■ **Work required**:
Skip the pictures. Give all the data again exactly.

(Recorded data)
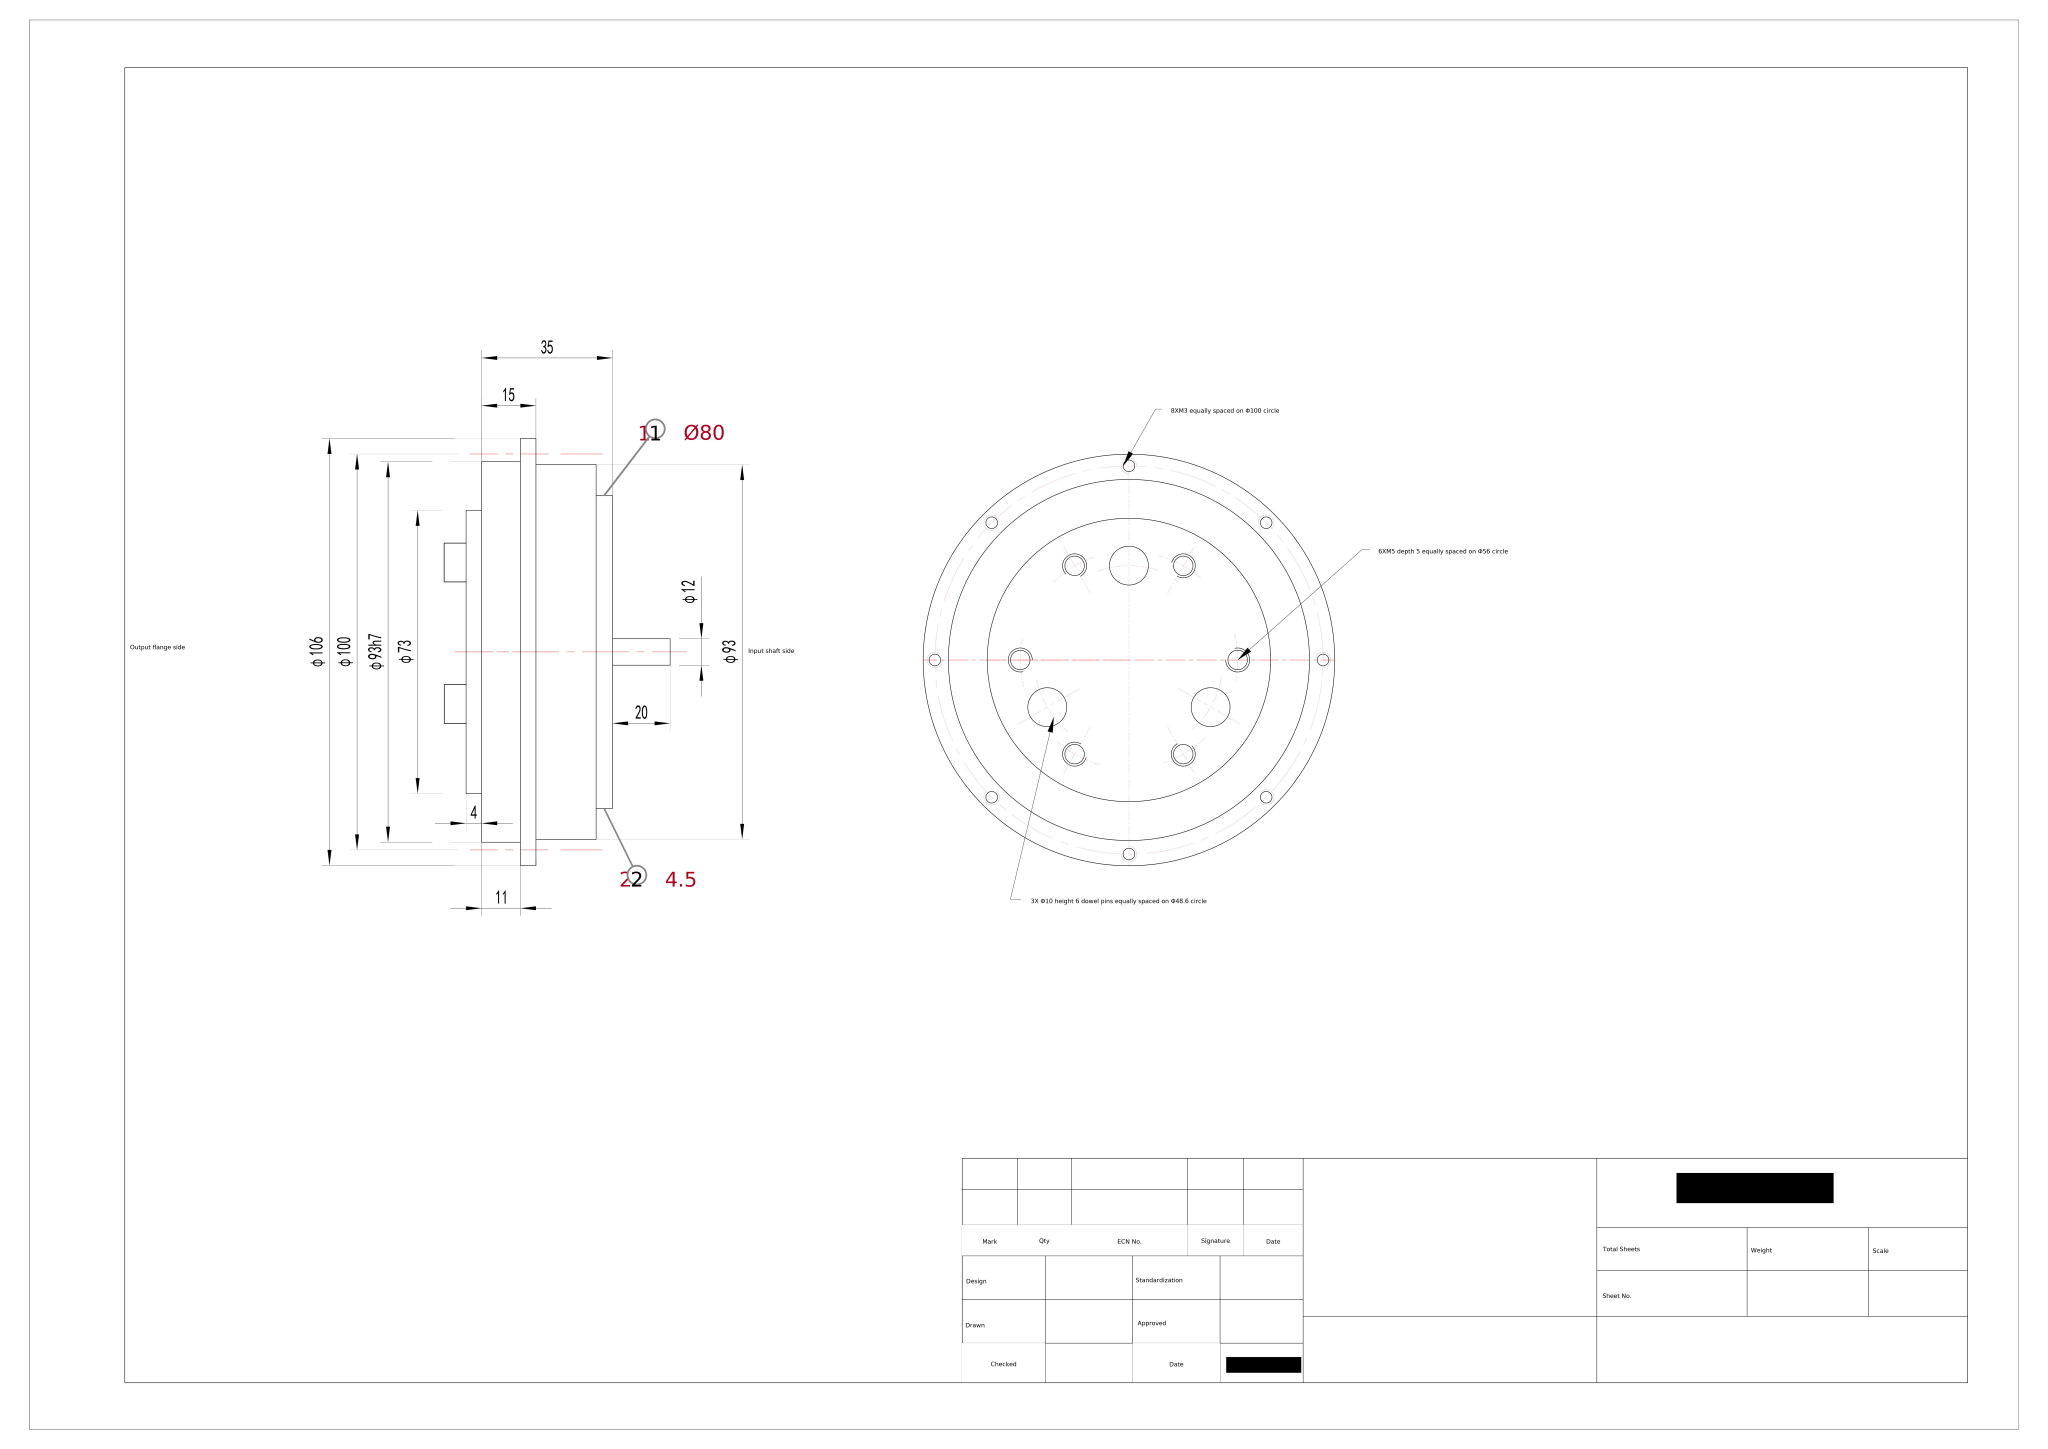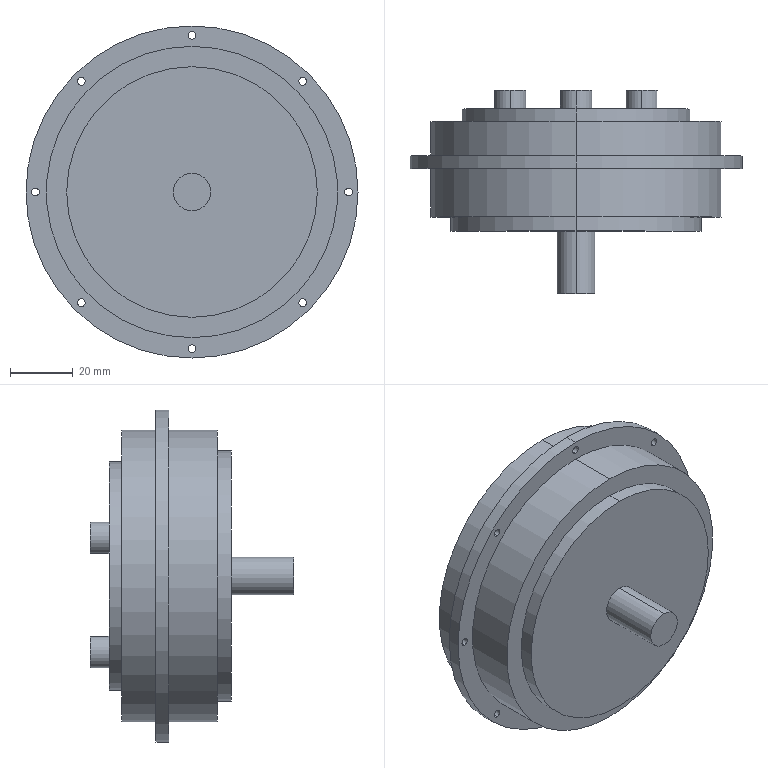Part | SolidWorks | mm | 1 solid | 96 faces | box 106 x 65 x 106 mm | volume 256982 mm3 | cylinder 46 | cone 40 | plane 10 | commonest cylinder face diameters 2.5 x16 4.2 x12 10 x6 93 x4 12 x2 80 x2 106 x2 73 x2
build123d program:
from build123d import *

# Parameters (mm, degrees)
SKETCH1_R                   = 36.5
BOSS_EXTRUDE1_DEPTH         = 4
SKETCH2_R                   = 5
BOSS_EXTRUDE2_DEPTH         = 6
SKETCH3_R                   = 46.5
BOSS_EXTRUDE3_DEPTH         = 11
SKETCH4_R                   = 53
BOSS_EXTRUDE4_DEPTH         = 4
SKETCH5_R                   = 46.5
BOSS_EXTRUDE5_DEPTH         = 15.5
SKETCH6_R                   = 40
BOSS_EXTRUDE6_DEPTH         = 4.5
SKETCH7_R                   = 6
BOSS_EXTRUDE7_DEPTH         = 20
M3_TAPPED_HOLE1_D           = 2.5
M3_TAPPED_HOLE1_DEPTH       = 8.5
M3_TAPPED_HOLE1_CSINK_D     = 3.05
M3_TAPPED_HOLE1_CSINK_ANGLE = 90
M3_TAPPED_HOLE1_TIP         = 0.7511
M5_TAPPED_HOLE1_D           = 4.2
M5_TAPPED_HOLE1_DEPTH       = 14
M5_TAPPED_HOLE1_CSINK_D     = 5.05
M5_TAPPED_HOLE1_CSINK_ANGLE = 90
M5_TAPPED_HOLE1_TIP         = 1.262


with BuildPart() as part:
    # Sketch1 → Boss-Extrude1 (new body)
    with BuildSketch(Plane(origin=(0, 0, 0), x_dir=(1, 0, 0), z_dir=(0, 1, 0))):
        with Locations(Location((0, 0, 0), (0, 0, 270))):
            Circle(SKETCH1_R)
    extrude(amount=BOSS_EXTRUDE1_DEPTH)

    # Sketch2 → Boss-Extrude2 (add)
    with BuildSketch(Plane(origin=(0, 4, 0), x_dir=(1, 0, 0), z_dir=(0, 1, 0))):
        with Locations(Location((0, 24.3, 0), (0, 0, 270))):
            Circle(SKETCH2_R)
        with Locations(Location((21.044, -12.15, 0), (0, 0, 270))):
            Circle(SKETCH2_R)
        with Locations(Location((-21.044, -12.15, 0), (0, 0, 270))):
            Circle(SKETCH2_R)
    extrude(amount=BOSS_EXTRUDE2_DEPTH)

    # Sketch3 → Boss-Extrude3 (add)
    with BuildSketch(Plane.XZ):
        with Locations(Location((0, 0, 0), (0, 0, 270))):
            Circle(SKETCH3_R)
    extrude(amount=BOSS_EXTRUDE3_DEPTH)

    # Sketch4 → Boss-Extrude4 (add)
    with BuildSketch(Plane.XZ.offset(11)):
        with Locations(Location((0, 0, 0), (0, 0, 270))):
            Circle(SKETCH4_R)
    extrude(amount=BOSS_EXTRUDE4_DEPTH)

    # Sketch5 → Boss-Extrude5 (add)
    with BuildSketch(Plane.XZ.offset(15)):
        with Locations(Location((0, 0, 0), (0, 0, 270))):
            Circle(SKETCH5_R)
    extrude(amount=BOSS_EXTRUDE5_DEPTH)

    # Sketch6 → Boss-Extrude6 (add)
    with BuildSketch(Plane.XZ.offset(30.5)):
        with Locations(Location((0, 0, 0), (0, 0, 270))):
            Circle(SKETCH6_R)
    extrude(amount=BOSS_EXTRUDE6_DEPTH)

    # Sketch7 → Boss-Extrude7 (add)
    with BuildSketch(Plane.XZ.offset(35)):
        with Locations(Location((0, 0, 0), (0, 0, 270))):
            Circle(SKETCH7_R)
    extrude(amount=BOSS_EXTRUDE7_DEPTH)

    # M3 Tapped Hole1
    with Locations(Plane(origin=(0, -11, 0), x_dir=(1, 0, 0), z_dir=(0, 1, 0))):
        with Locations((-35.355, 35.355), (0, 50), (35.355, 35.355), (50, 0), (35.355, -35.355), (0, -50), (-35.355, -35.355), (-50, 0)):
            CounterSinkHole(M3_TAPPED_HOLE1_D / 2, M3_TAPPED_HOLE1_CSINK_D / 2, depth=M3_TAPPED_HOLE1_DEPTH, counter_sink_angle=M3_TAPPED_HOLE1_CSINK_ANGLE)
            with Locations((0, 0, -(M3_TAPPED_HOLE1_DEPTH + M3_TAPPED_HOLE1_TIP / 2))):  # 118° drill point
                Cone(0, M3_TAPPED_HOLE1_D / 2, M3_TAPPED_HOLE1_TIP, mode=Mode.SUBTRACT)

    # M5 Tapped Hole1
    with Locations(Plane(origin=(0, 4, 0), x_dir=(1, 0, 0), z_dir=(0, 1, 0))):
        with Locations((28, 0), (14, -24.249), (-14, -24.249), (-28, 0), (-14, 24.249), (14, 24.249)):
            CounterSinkHole(M5_TAPPED_HOLE1_D / 2, M5_TAPPED_HOLE1_CSINK_D / 2, depth=M5_TAPPED_HOLE1_DEPTH, counter_sink_angle=M5_TAPPED_HOLE1_CSINK_ANGLE)
            with Locations((0, 0, -(M5_TAPPED_HOLE1_DEPTH + M5_TAPPED_HOLE1_TIP / 2))):  # 118° drill point
                Cone(0, M5_TAPPED_HOLE1_D / 2, M5_TAPPED_HOLE1_TIP, mode=Mode.SUBTRACT)


solid = part.part

■ **Answer section**:
Part | SolidWorks | mm | 1 solid | 96 faces | box 106 x 65 x 106 mm | volume 256982 mm3 | cylinder 46 | cone 40 | plane 10 | commonest cylinder face diameters 2.5 x16 4.2 x12 10 x6 93 x4 12 x2 80 x2 106 x2 73 x2
build123d program:
from build123d import *

# Parameters (mm, degrees)
SKETCH1_R                   = 36.5
BOSS_EXTRUDE1_DEPTH         = 4
SKETCH2_R                   = 5
BOSS_EXTRUDE2_DEPTH         = 6
SKETCH3_R                   = 46.5
BOSS_EXTRUDE3_DEPTH         = 11
SKETCH4_R                   = 53
BOSS_EXTRUDE4_DEPTH         = 4
SKETCH5_R                   = 46.5
BOSS_EXTRUDE5_DEPTH         = 15.5
SKETCH6_R                   = 40
BOSS_EXTRUDE6_DEPTH         = 4.5
SKETCH7_R                   = 6
BOSS_EXTRUDE7_DEPTH         = 20
M3_TAPPED_HOLE1_D           = 2.5
M3_TAPPED_HOLE1_DEPTH       = 8.5
M3_TAPPED_HOLE1_CSINK_D     = 3.05
M3_TAPPED_HOLE1_CSINK_ANGLE = 90
M3_TAPPED_HOLE1_TIP         = 0.7511
M5_TAPPED_HOLE1_D           = 4.2
M5_TAPPED_HOLE1_DEPTH       = 14
M5_TAPPED_HOLE1_CSINK_D     = 5.05
M5_TAPPED_HOLE1_CSINK_ANGLE = 90
M5_TAPPED_HOLE1_TIP         = 1.262


with BuildPart() as part:
    # Sketch1 → Boss-Extrude1 (new body)
    with BuildSketch(Plane(origin=(0, 0, 0), x_dir=(1, 0, 0), z_dir=(0, 1, 0))):
        with Locations(Location((0, 0, 0), (0, 0, 270))):
            Circle(SKETCH1_R)
    extrude(amount=BOSS_EXTRUDE1_DEPTH)

    # Sketch2 → Boss-Extrude2 (add)
    with BuildSketch(Plane(origin=(0, 4, 0), x_dir=(1, 0, 0), z_dir=(0, 1, 0))):
        with Locations(Location((0, 24.3, 0), (0, 0, 270))):
            Circle(SKETCH2_R)
        with Locations(Location((21.044, -12.15, 0), (0, 0, 270))):
            Circle(SKETCH2_R)
        with Locations(Location((-21.044, -12.15, 0), (0, 0, 270))):
            Circle(SKETCH2_R)
    extrude(amount=BOSS_EXTRUDE2_DEPTH)

    # Sketch3 → Boss-Extrude3 (add)
    with BuildSketch(Plane.XZ):
        with Locations(Location((0, 0, 0), (0, 0, 270))):
            Circle(SKETCH3_R)
    extrude(amount=BOSS_EXTRUDE3_DEPTH)

    # Sketch4 → Boss-Extrude4 (add)
    with BuildSketch(Plane.XZ.offset(11)):
        with Locations(Location((0, 0, 0), (0, 0, 270))):
            Circle(SKETCH4_R)
    extrude(amount=BOSS_EXTRUDE4_DEPTH)

    # Sketch5 → Boss-Extrude5 (add)
    with BuildSketch(Plane.XZ.offset(15)):
        with Locations(Location((0, 0, 0), (0, 0, 270))):
            Circle(SKETCH5_R)
    extrude(amount=BOSS_EXTRUDE5_DEPTH)

    # Sketch6 → Boss-Extrude6 (add)
    with BuildSketch(Plane.XZ.offset(30.5)):
        with Locations(Location((0, 0, 0), (0, 0, 270))):
            Circle(SKETCH6_R)
    extrude(amount=BOSS_EXTRUDE6_DEPTH)

    # Sketch7 → Boss-Extrude7 (add)
    with BuildSketch(Plane.XZ.offset(35)):
        with Locations(Location((0, 0, 0), (0, 0, 270))):
            Circle(SKETCH7_R)
    extrude(amount=BOSS_EXTRUDE7_DEPTH)

    # M3 Tapped Hole1
    with Locations(Plane(origin=(0, -11, 0), x_dir=(1, 0, 0), z_dir=(0, 1, 0))):
        with Locations((-35.355, 35.355), (0, 50), (35.355, 35.355), (50, 0), (35.355, -35.355), (0, -50), (-35.355, -35.355), (-50, 0)):
            CounterSinkHole(M3_TAPPED_HOLE1_D / 2, M3_TAPPED_HOLE1_CSINK_D / 2, depth=M3_TAPPED_HOLE1_DEPTH, counter_sink_angle=M3_TAPPED_HOLE1_CSINK_ANGLE)
            with Locations((0, 0, -(M3_TAPPED_HOLE1_DEPTH + M3_TAPPED_HOLE1_TIP / 2))):  # 118° drill point
                Cone(0, M3_TAPPED_HOLE1_D / 2, M3_TAPPED_HOLE1_TIP, mode=Mode.SUBTRACT)

    # M5 Tapped Hole1
    with Locations(Plane(origin=(0, 4, 0), x_dir=(1, 0, 0), z_dir=(0, 1, 0))):
        with Locations((28, 0), (14, -24.249), (-14, -24.249), (-28, 0), (-14, 24.249), (14, 24.249)):
            CounterSinkHole(M5_TAPPED_HOLE1_D / 2, M5_TAPPED_HOLE1_CSINK_D / 2, depth=M5_TAPPED_HOLE1_DEPTH, counter_sink_angle=M5_TAPPED_HOLE1_CSINK_ANGLE)
            with Locations((0, 0, -(M5_TAPPED_HOLE1_DEPTH + M5_TAPPED_HOLE1_TIP / 2))):  # 118° drill point
                Cone(0, M5_TAPPED_HOLE1_D / 2, M5_TAPPED_HOLE1_TIP, mode=Mode.SUBTRACT)


solid = part.part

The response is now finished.